- _What the exercise asks_
Pick every line from the data that holds the word "subcontext".

*** Material for this exercise ***

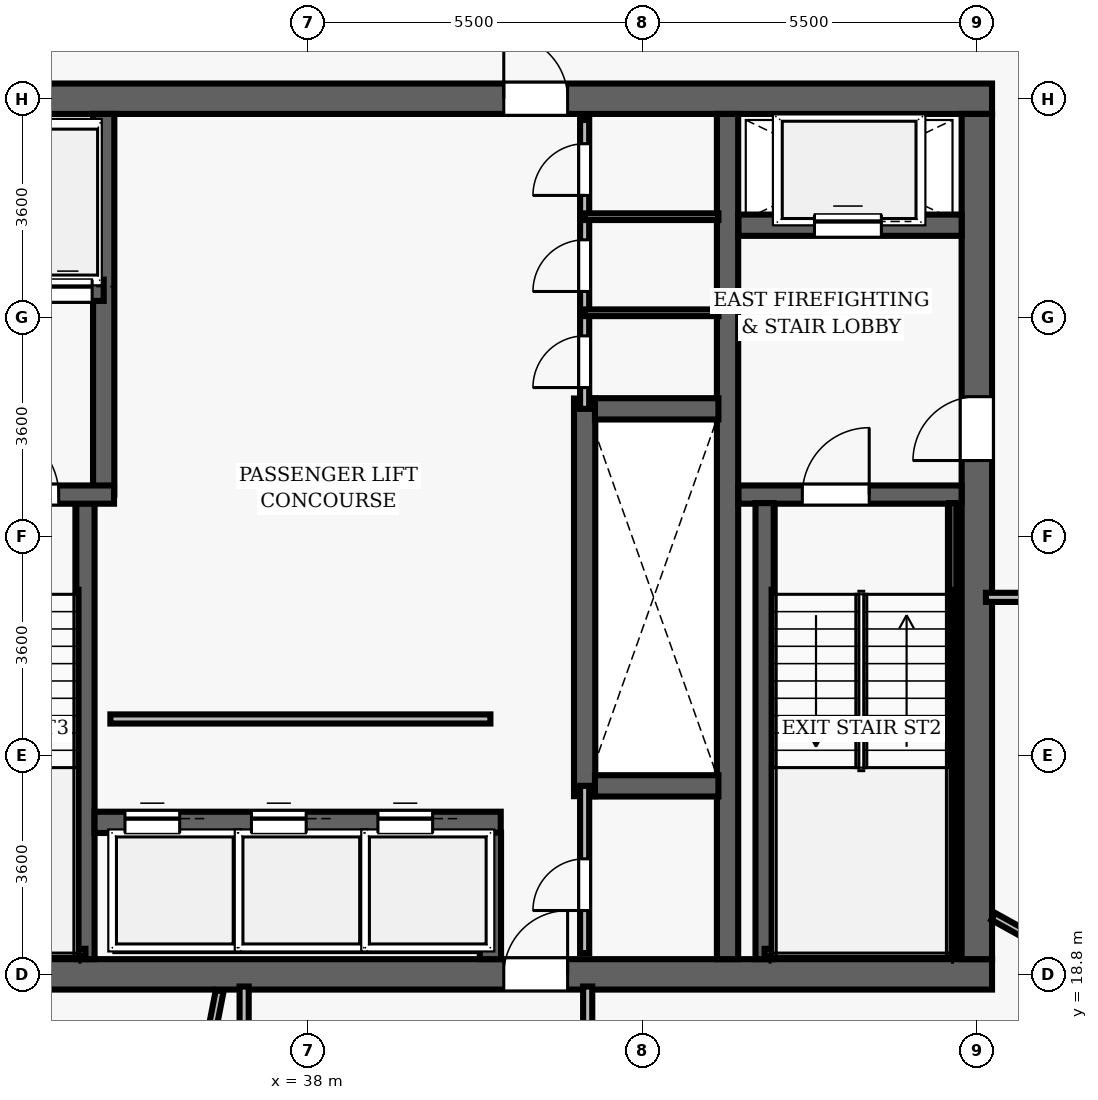
"""IFC4 building model, lengths in metres.
Left out: names, types, materials, properties, quantities, classifications, styles, units other than length and angle.
Written with IfcOpenShell. Run it as: python <this file> out.ifc"""

import sys

from ifc_helpers import new_model, si_unit, direction, frame, frame_2d, origin, place, context, subcontext, project, spatial, rectangle, extrude, element, fill, save


model = new_model("IFC4")
c1 = context("Model", 3, precision=1e-05, world=origin(), true_north=direction((0.0, 1.0)))
c2 = subcontext(c1, "Body", "Model", "MODEL_VIEW")
j1 = project(units=[si_unit("LENGTHUNIT", "METRE"), si_unit("PLANEANGLEUNIT", "RADIAN")], contexts=[c1])
p1 = place(None, origin())
s1 = spatial("IfcSite", under=j1, at=p1, CompositionType="ELEMENT")
p2 = place(p1, origin())
s2 = spatial("IfcBuilding", under=s1, at=p2, CompositionType="ELEMENT")
p3 = place(p2, frame((0.0, 0.0, 209.7)))
s3 = spatial("IfcBuildingStorey", under=s2, at=p3, CompositionType="ELEMENT", Elevation=209.7)
p4 = place(p3, frame((26.75, 18.8, 0.0), z_axis=(0.0, 0.0, 1.0), x_axis=(1.0, 0.0, 0.0)))
e1 = element("IfcWall", 1, at=p4, inside=s3, PredefinedType="SHEAR", context=c2, shape_type="SweptSolid", body=[
    extrude(rectangle(XDim=22.5, YDim=0.5, at=frame_2d((11.25, 0.0))), origin(), (0.0, 0.0, 1.0), 3.85),
])
p5 = place(p4, frame((14.47, 0.0, 0.0)))
e2 = element("IfcOpeningElement", 2, at=p5, cuts=e1, PredefinedType="OPENING", context=c2, shape_type="SweptSolid", body=[
    extrude(rectangle(XDim=1.05, YDim=2.15, at=frame_2d((0.525, 1.075))), frame((0.0, 0.26, 0.0), z_axis=(0.0, -1.0, 0.0), x_axis=(1.0, 0.0, 0.0)), (0.0, 0.0, 1.0), 0.52),
])
p6 = place(p3, frame((26.75, 33.2, 0.0), z_axis=(0.0, 0.0, 1.0), x_axis=(1.0, 0.0, 0.0)))
e3 = element("IfcWall", 3, at=p6, inside=s3, PredefinedType="SHEAR", context=c2, shape_type="SweptSolid", body=[
    extrude(rectangle(XDim=22.5, YDim=0.5, at=frame_2d((11.25, 0.0))), origin(), (0.0, 0.0, 1.0), 3.85),
])
p7 = place(p6, frame((4.57, 0.0, 0.0)))
e4 = element("IfcOpeningElement", 4, at=p7, cuts=e3, PredefinedType="OPENING", context=c2, shape_type="SweptSolid", body=[
    extrude(rectangle(XDim=1.05, YDim=2.15, at=frame_2d((0.525, 1.075))), frame((0.0, 0.26, 0.0), z_axis=(0.0, -1.0, 0.0), x_axis=(1.0, 0.0, 0.0)), (0.0, 0.0, 1.0), 0.52),
])
p8 = place(p6, frame((14.47, 0.0, 0.0)))
e5 = element("IfcOpeningElement", 5, at=p8, cuts=e3, PredefinedType="OPENING", context=c2, shape_type="SweptSolid", body=[
    extrude(rectangle(XDim=1.05, YDim=2.15, at=frame_2d((0.525, 1.075))), frame((0.0, 0.26, 0.0), z_axis=(0.0, -1.0, 0.0), x_axis=(1.0, 0.0, 0.0)), (0.0, 0.0, 1.0), 0.52),
])
p9 = place(p3, frame((49.0, 19.05, 0.0), z_axis=(0.0, 0.0, 1.0), x_axis=(0.0, 1.0, 0.0)))
e6 = element("IfcWall", 6, at=p9, inside=s3, PredefinedType="SHEAR", context=c2, shape_type="SweptSolid", body=[
    extrude(rectangle(XDim=13.9, YDim=0.5, at=frame_2d((6.95, 0.0))), origin(), (0.0, 0.0, 1.0), 3.85),
])
p10 = place(p9, frame((8.2, 0.0, 0.0)))
e7 = element("IfcOpeningElement", 7, at=p10, cuts=e6, PredefinedType="OPENING", context=c2, shape_type="SweptSolid", body=[
    extrude(rectangle(XDim=1.05, YDim=2.15, at=frame_2d((0.525, 1.075))), frame((0.0, 0.26, 0.0), z_axis=(0.0, -1.0, 0.0), x_axis=(1.0, 0.0, 0.0)), (0.0, 0.0, 1.0), 0.52),
])
p11 = place(p3, frame((44.9, 19.05, 0.0), z_axis=(0.0, 0.0, 1.0), x_axis=(0.0, 1.0, 0.0)))
e8 = element("IfcWall", 8, at=p11, inside=s3, PredefinedType="SHEAR", context=c2, shape_type="SweptSolid", body=[
    extrude(rectangle(XDim=13.9, YDim=0.35, at=frame_2d((6.95, 0.0))), origin(), (0.0, 0.0, 1.0), 3.85),
])
p12 = place(p3, frame((45.08, 26.69, 0.0), z_axis=(0.0, 0.0, 1.0), x_axis=(1.0, 0.0, 0.0)))
e9 = element("IfcWall", 9, at=p12, inside=s3, PredefinedType="SHEAR", context=c2, shape_type="SweptSolid", body=[
    extrude(rectangle(XDim=3.67, YDim=0.3, at=frame_2d((1.835, 0.0))), origin(), (0.0, 0.0, 1.0), 3.85),
])
p13 = place(p12, frame((1.05, 0.0, 0.0)))
e10 = element("IfcOpeningElement", 10, at=p13, cuts=e9, PredefinedType="OPENING", context=c2, shape_type="SweptSolid", body=[
    extrude(rectangle(XDim=1.1, YDim=2.15, at=frame_2d((0.55, 1.075))), frame((0.0, 0.16, 0.0), z_axis=(0.0, -1.0, 0.0), x_axis=(1.0, 0.0, 0.0)), (0.0, 0.0, 1.0), 0.32),
])
p14 = place(p3, frame((45.51, 19.05, 0.0), z_axis=(0.0, 0.0, 1.0), x_axis=(0.0, 1.0, 0.0)))
e11 = element("IfcWall", 11, at=p14, inside=s3, PredefinedType="SHEAR", context=c2, shape_type="SweptSolid", body=[
    extrude(rectangle(XDim=7.5, YDim=0.3, at=frame_2d((3.75, 0.0))), origin(), (0.0, 0.0, 1.0), 3.85),
])
p15 = place(p3, frame((48.605, 19.1, 0.0), z_axis=(0.0, 0.0, 1.0), x_axis=(0.0, 1.0, 0.0)))
e12 = element("IfcWall", 12, at=p15, inside=s3, PredefinedType="SHEAR", context=c2, shape_type="SweptSolid", body=[
    extrude(rectangle(XDim=7.45, YDim=0.12, at=frame_2d((3.725, 0.0))), origin(), (0.0, 0.0, 1.0), 3.85),
])
p16 = place(p3, frame((45.51, 19.16, 0.0), z_axis=(0.0, 0.0, 1.0), x_axis=(1.0, 0.0, 0.0)))
e13 = element("IfcWall", 13, at=p16, inside=s3, PredefinedType="SHEAR", context=c2, shape_type="SweptSolid", body=[
    extrude(rectangle(XDim=3.095, YDim=0.12, at=frame_2d((1.547, 0.0))), origin(), (0.0, 0.0, 1.0), 3.85),
])
p17 = place(p3, frame((45.08, 31.12, 0.0), z_axis=(0.0, 0.0, 1.0), x_axis=(1.0, 0.0, 0.0)))
e14 = element("IfcWall", 14, at=p17, inside=s3, PredefinedType="SHEAR", context=c2, shape_type="SweptSolid", body=[
    extrude(rectangle(XDim=3.67, YDim=0.35, at=frame_2d((1.835, 0.0))), origin(), (0.0, 0.0, 1.0), 3.035),
])
p18 = place(p17, frame((1.25, 0.0, 0.0)))
e15 = element("IfcOpeningElement", 15, at=p18, cuts=e14, PredefinedType="OPENING", context=c2, shape_type="SweptSolid", body=[
    extrude(rectangle(XDim=1.1, YDim=2.15, at=frame_2d((0.55, 1.075))), frame((0.0, 0.185, 0.0), z_axis=(0.0, -1.0, 0.0), x_axis=(1.0, 0.0, 0.0)), (0.0, 0.0, 1.0), 0.37),
])
p19 = place(p3, frame((34.34, 19.05, 0.0), z_axis=(0.0, 0.0, 1.0), x_axis=(0.0, 1.0, 0.0)))
e16 = element("IfcWall", 16, at=p19, inside=s3, PredefinedType="SHEAR", context=c2, shape_type="SweptSolid", body=[
    extrude(rectangle(XDim=7.5, YDim=0.3, at=frame_2d((3.75, 0.0))), origin(), (0.0, 0.0, 1.0), 3.85),
])
p20 = place(p3, frame((34.64, 26.69, 0.0), z_axis=(0.0, 0.0, 1.0), x_axis=(0.0, 1.0, 0.0)))
e17 = element("IfcWall", 17, at=p20, inside=s3, PredefinedType="SHEAR", context=c2, shape_type="SweptSolid", body=[
    extrude(rectangle(XDim=6.26, YDim=0.35, at=frame_2d((3.13, 0.0))), origin(), (0.0, 0.0, 1.0), 3.85),
])
p21 = place(p3, frame((31.25, 26.69, 0.0), z_axis=(0.0, 0.0, 1.0), x_axis=(1.0, 0.0, 0.0)))
e18 = element("IfcWall", 18, at=p21, inside=s3, PredefinedType="SHEAR", context=c2, shape_type="SweptSolid", body=[
    extrude(rectangle(XDim=3.56, YDim=0.3, at=frame_2d((1.78, 0.0))), origin(), (0.0, 0.0, 1.0), 3.85),
])
p22 = place(p21, frame((1.55, 0.0, 0.0)))
e19 = element("IfcOpeningElement", 19, at=p22, cuts=e18, PredefinedType="OPENING", context=c2, shape_type="SweptSolid", body=[
    extrude(rectangle(XDim=1.1, YDim=2.15, at=frame_2d((0.55, 1.075))), frame((0.0, 0.16, 0.0), z_axis=(0.0, -1.0, 0.0), x_axis=(1.0, 0.0, 0.0)), (0.0, 0.0, 1.0), 0.32),
])
p23 = place(p3, frame((31.3, 19.16, 0.0), z_axis=(0.0, 0.0, 1.0), x_axis=(1.0, 0.0, 0.0)))
e20 = element("IfcWall", 20, at=p23, inside=s3, PredefinedType="SHEAR", context=c2, shape_type="SweptSolid", body=[
    extrude(rectangle(XDim=3.04, YDim=0.12, at=frame_2d((1.52, 0.0))), origin(), (0.0, 0.0, 1.0), 3.85),
])
p24 = place(p3, frame((32.23, 30.05, 0.0), z_axis=(0.0, 0.0, 1.0), x_axis=(1.0, 0.0, 0.0)))
e21 = element("IfcWall", 21, at=p24, inside=s3, PredefinedType="SHEAR", context=c2, shape_type="SweptSolid", body=[
    extrude(rectangle(XDim=2.41, YDim=0.35, at=frame_2d((1.205, 0.0))), origin(), (0.0, 0.0, 1.0), 3.035),
])
p25 = place(p24, frame((0.42, 0.0, 0.0)))
e22 = element("IfcOpeningElement", 22, at=p25, cuts=e21, PredefinedType="OPENING", context=c2, shape_type="SweptSolid", body=[
    extrude(rectangle(XDim=0.8, YDim=2.15, at=frame_2d((0.4, 1.075))), frame((0.0, 0.185, 0.0), z_axis=(0.0, -1.0, 0.0), x_axis=(1.0, 0.0, 0.0)), (0.0, 0.0, 1.0), 0.37),
])
p26 = place(p24, frame((1.42, 0.0, 0.0)))
e23 = element("IfcOpeningElement", 23, at=p26, cuts=e21, PredefinedType="OPENING", context=c2, shape_type="SweptSolid", body=[
    extrude(rectangle(XDim=0.8, YDim=2.15, at=frame_2d((0.4, 1.075))), frame((0.0, 0.185, 0.0), z_axis=(0.0, -1.0, 0.0), x_axis=(1.0, 0.0, 0.0)), (0.0, 0.0, 1.0), 0.37),
])
p27 = place(p3, frame((42.55, 21.73, 0.0), z_axis=(0.0, 0.0, 1.0), x_axis=(0.0, 1.0, 0.0)))
e24 = element("IfcWall", 24, at=p27, inside=s3, PredefinedType="SHEAR", context=c2, shape_type="SweptSolid", body=[
    extrude(rectangle(XDim=6.54, YDim=0.35, at=frame_2d((3.27, 0.0))), origin(), (0.0, 0.0, 1.0), 3.035),
])
for number, where, z_axis, x_axis in (
    (25, (42.72, 21.9, 0.0), (0.0, 0.0, 1.0), (1.0, 0.0, 0.0)),
    (26, (42.72, 28.1, 0.0), (0.0, 0.0, 1.0), (1.0, 0.0, 0.0)),
):
    element("IfcWall", number, at=place(p3, frame(where, z_axis=z_axis, x_axis=x_axis)), inside=s3, PredefinedType="SHEAR", context=c2, shape_type="SweptSolid", body=[
        extrude(rectangle(XDim=2.03, YDim=0.35, at=frame_2d((1.015, 0.0))), origin(), (0.0, 0.0, 1.0), 3.035),
    ])
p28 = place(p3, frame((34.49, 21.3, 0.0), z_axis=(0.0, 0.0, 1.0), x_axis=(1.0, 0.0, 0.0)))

*** End of Material for this exercise ***

- _Solved exercise_
from ifc_helpers import new_model, si_unit, direction, frame, frame_2d, origin, place, context, subcontext, project, spatial, rectangle, extrude, element, fill, save
c2 = subcontext(c1, "Body", "Model", "MODEL_VIEW")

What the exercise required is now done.